───── Data records ─────
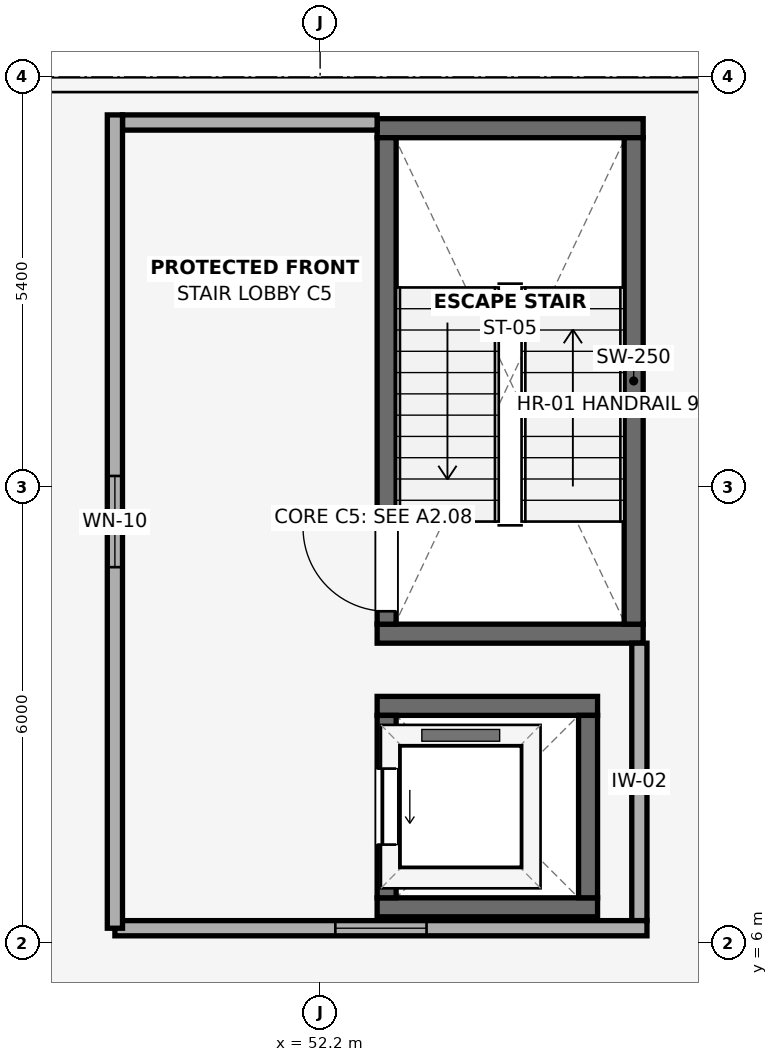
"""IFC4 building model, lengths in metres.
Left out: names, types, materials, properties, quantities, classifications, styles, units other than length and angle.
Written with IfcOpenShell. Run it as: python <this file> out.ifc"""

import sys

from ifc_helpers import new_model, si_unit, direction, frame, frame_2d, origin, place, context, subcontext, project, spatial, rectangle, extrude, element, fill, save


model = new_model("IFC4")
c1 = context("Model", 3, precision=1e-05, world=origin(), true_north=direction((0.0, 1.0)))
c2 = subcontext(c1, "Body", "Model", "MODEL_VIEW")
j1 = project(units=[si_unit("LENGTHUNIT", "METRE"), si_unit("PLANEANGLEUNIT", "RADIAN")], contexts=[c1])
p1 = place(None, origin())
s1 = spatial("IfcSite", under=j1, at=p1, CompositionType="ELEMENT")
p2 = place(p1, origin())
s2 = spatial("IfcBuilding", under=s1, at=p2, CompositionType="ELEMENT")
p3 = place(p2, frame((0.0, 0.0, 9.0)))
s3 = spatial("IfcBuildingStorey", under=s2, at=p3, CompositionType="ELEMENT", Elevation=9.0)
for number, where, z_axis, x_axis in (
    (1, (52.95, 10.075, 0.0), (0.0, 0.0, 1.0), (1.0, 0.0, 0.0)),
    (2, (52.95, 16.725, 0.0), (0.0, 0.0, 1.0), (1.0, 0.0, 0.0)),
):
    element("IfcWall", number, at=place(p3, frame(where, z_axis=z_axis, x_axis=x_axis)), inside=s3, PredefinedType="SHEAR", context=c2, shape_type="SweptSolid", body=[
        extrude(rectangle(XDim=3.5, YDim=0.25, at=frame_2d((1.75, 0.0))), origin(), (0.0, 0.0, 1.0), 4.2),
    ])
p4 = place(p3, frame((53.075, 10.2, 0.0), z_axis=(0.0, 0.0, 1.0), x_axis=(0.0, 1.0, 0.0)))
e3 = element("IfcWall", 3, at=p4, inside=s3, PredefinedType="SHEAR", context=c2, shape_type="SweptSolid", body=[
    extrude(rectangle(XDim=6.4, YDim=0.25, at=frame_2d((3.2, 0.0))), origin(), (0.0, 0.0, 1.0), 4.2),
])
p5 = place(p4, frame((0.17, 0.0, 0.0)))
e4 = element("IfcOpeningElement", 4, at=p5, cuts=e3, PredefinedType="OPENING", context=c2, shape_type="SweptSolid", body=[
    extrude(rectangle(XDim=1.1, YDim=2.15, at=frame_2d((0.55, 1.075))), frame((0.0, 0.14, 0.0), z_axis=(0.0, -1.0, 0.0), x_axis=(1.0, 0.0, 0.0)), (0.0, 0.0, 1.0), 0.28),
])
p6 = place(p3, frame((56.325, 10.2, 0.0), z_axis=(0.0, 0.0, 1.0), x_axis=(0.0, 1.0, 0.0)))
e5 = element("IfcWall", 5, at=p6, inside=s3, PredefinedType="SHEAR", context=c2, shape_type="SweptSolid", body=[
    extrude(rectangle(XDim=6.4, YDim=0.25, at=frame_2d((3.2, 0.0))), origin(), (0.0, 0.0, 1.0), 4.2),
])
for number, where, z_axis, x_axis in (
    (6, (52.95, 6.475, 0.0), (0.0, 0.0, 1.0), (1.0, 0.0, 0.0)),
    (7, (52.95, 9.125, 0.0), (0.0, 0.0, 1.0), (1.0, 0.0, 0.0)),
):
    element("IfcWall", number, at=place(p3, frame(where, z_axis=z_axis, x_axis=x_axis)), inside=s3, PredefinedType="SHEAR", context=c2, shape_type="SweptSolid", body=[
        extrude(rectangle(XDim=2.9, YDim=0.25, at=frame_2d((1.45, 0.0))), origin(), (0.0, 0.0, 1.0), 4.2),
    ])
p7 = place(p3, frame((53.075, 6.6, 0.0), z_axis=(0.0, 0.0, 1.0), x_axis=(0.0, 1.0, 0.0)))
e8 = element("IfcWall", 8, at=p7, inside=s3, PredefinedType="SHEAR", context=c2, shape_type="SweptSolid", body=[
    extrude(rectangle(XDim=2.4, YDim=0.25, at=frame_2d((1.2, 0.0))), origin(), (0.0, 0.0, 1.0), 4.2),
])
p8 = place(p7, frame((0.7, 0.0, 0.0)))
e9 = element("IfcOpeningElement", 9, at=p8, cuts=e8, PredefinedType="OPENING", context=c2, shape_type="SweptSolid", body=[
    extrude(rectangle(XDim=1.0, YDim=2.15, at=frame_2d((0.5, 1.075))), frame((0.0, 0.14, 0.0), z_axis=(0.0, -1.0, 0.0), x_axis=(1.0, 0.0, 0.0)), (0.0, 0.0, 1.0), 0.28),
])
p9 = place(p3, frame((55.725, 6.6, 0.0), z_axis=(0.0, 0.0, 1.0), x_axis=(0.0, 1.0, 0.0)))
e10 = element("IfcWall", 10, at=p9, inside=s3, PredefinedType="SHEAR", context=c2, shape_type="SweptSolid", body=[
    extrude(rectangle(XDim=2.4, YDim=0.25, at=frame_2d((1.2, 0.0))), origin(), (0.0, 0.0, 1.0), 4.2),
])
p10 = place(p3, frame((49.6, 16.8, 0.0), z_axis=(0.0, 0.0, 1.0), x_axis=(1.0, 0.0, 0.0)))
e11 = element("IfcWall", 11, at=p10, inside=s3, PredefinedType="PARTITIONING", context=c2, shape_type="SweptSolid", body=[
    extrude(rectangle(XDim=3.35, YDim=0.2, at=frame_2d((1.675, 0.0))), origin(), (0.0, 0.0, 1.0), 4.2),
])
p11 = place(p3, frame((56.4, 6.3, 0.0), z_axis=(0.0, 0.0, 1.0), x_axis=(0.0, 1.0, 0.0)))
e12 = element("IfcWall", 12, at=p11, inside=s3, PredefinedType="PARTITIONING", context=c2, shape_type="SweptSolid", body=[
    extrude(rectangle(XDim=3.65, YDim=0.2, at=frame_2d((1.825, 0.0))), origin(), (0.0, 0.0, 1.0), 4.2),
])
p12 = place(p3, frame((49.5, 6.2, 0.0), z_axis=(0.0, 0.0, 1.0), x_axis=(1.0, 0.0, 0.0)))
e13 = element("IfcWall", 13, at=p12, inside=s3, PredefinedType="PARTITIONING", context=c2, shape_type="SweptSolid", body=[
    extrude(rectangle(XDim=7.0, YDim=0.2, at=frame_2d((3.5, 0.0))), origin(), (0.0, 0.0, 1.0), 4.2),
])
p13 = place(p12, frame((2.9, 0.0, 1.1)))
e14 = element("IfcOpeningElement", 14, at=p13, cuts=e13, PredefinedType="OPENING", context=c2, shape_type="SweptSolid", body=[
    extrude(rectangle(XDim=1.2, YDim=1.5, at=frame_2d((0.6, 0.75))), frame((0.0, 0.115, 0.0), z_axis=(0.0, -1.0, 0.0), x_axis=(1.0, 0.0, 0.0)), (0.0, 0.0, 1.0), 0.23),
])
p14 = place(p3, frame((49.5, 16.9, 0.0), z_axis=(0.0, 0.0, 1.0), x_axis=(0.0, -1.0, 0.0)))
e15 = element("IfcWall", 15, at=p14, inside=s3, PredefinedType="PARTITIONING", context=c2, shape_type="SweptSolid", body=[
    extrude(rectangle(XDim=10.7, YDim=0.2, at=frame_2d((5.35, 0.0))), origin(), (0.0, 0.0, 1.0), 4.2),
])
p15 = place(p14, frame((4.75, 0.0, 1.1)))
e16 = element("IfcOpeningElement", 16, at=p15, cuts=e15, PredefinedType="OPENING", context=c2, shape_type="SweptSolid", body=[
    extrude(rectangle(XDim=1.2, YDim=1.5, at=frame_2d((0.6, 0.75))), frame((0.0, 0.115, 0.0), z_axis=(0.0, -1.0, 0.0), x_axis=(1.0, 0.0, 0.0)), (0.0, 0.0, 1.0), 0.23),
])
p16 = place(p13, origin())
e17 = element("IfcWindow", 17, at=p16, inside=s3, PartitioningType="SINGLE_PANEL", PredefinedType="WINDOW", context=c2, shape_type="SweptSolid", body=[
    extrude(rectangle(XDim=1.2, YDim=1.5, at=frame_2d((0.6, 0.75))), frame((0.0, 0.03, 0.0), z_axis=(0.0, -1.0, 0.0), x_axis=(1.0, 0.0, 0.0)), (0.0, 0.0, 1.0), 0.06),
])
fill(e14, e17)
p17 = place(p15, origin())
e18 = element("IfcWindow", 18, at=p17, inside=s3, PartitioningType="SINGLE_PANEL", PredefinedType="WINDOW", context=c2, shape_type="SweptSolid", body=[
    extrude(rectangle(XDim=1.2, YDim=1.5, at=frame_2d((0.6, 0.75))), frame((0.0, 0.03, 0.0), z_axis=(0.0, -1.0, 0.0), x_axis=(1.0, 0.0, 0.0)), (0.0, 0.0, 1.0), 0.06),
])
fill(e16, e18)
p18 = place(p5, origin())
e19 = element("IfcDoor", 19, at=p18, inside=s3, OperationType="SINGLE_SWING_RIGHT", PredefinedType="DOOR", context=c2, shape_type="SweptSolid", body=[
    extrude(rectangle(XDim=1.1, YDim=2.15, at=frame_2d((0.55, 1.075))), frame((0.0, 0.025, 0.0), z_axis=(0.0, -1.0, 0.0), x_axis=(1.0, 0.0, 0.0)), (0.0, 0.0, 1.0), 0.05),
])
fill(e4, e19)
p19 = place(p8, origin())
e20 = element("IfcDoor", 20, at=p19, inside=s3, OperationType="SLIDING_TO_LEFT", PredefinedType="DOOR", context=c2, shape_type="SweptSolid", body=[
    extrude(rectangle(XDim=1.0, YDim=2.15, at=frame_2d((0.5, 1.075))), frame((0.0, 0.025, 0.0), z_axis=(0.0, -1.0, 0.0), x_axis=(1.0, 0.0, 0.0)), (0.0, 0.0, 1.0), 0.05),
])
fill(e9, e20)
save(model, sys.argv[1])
─────
=== Problem requirements ===
Going through the records above, count the lines that include the word "WINDOW". Give the number alone.

=== Response box ===
2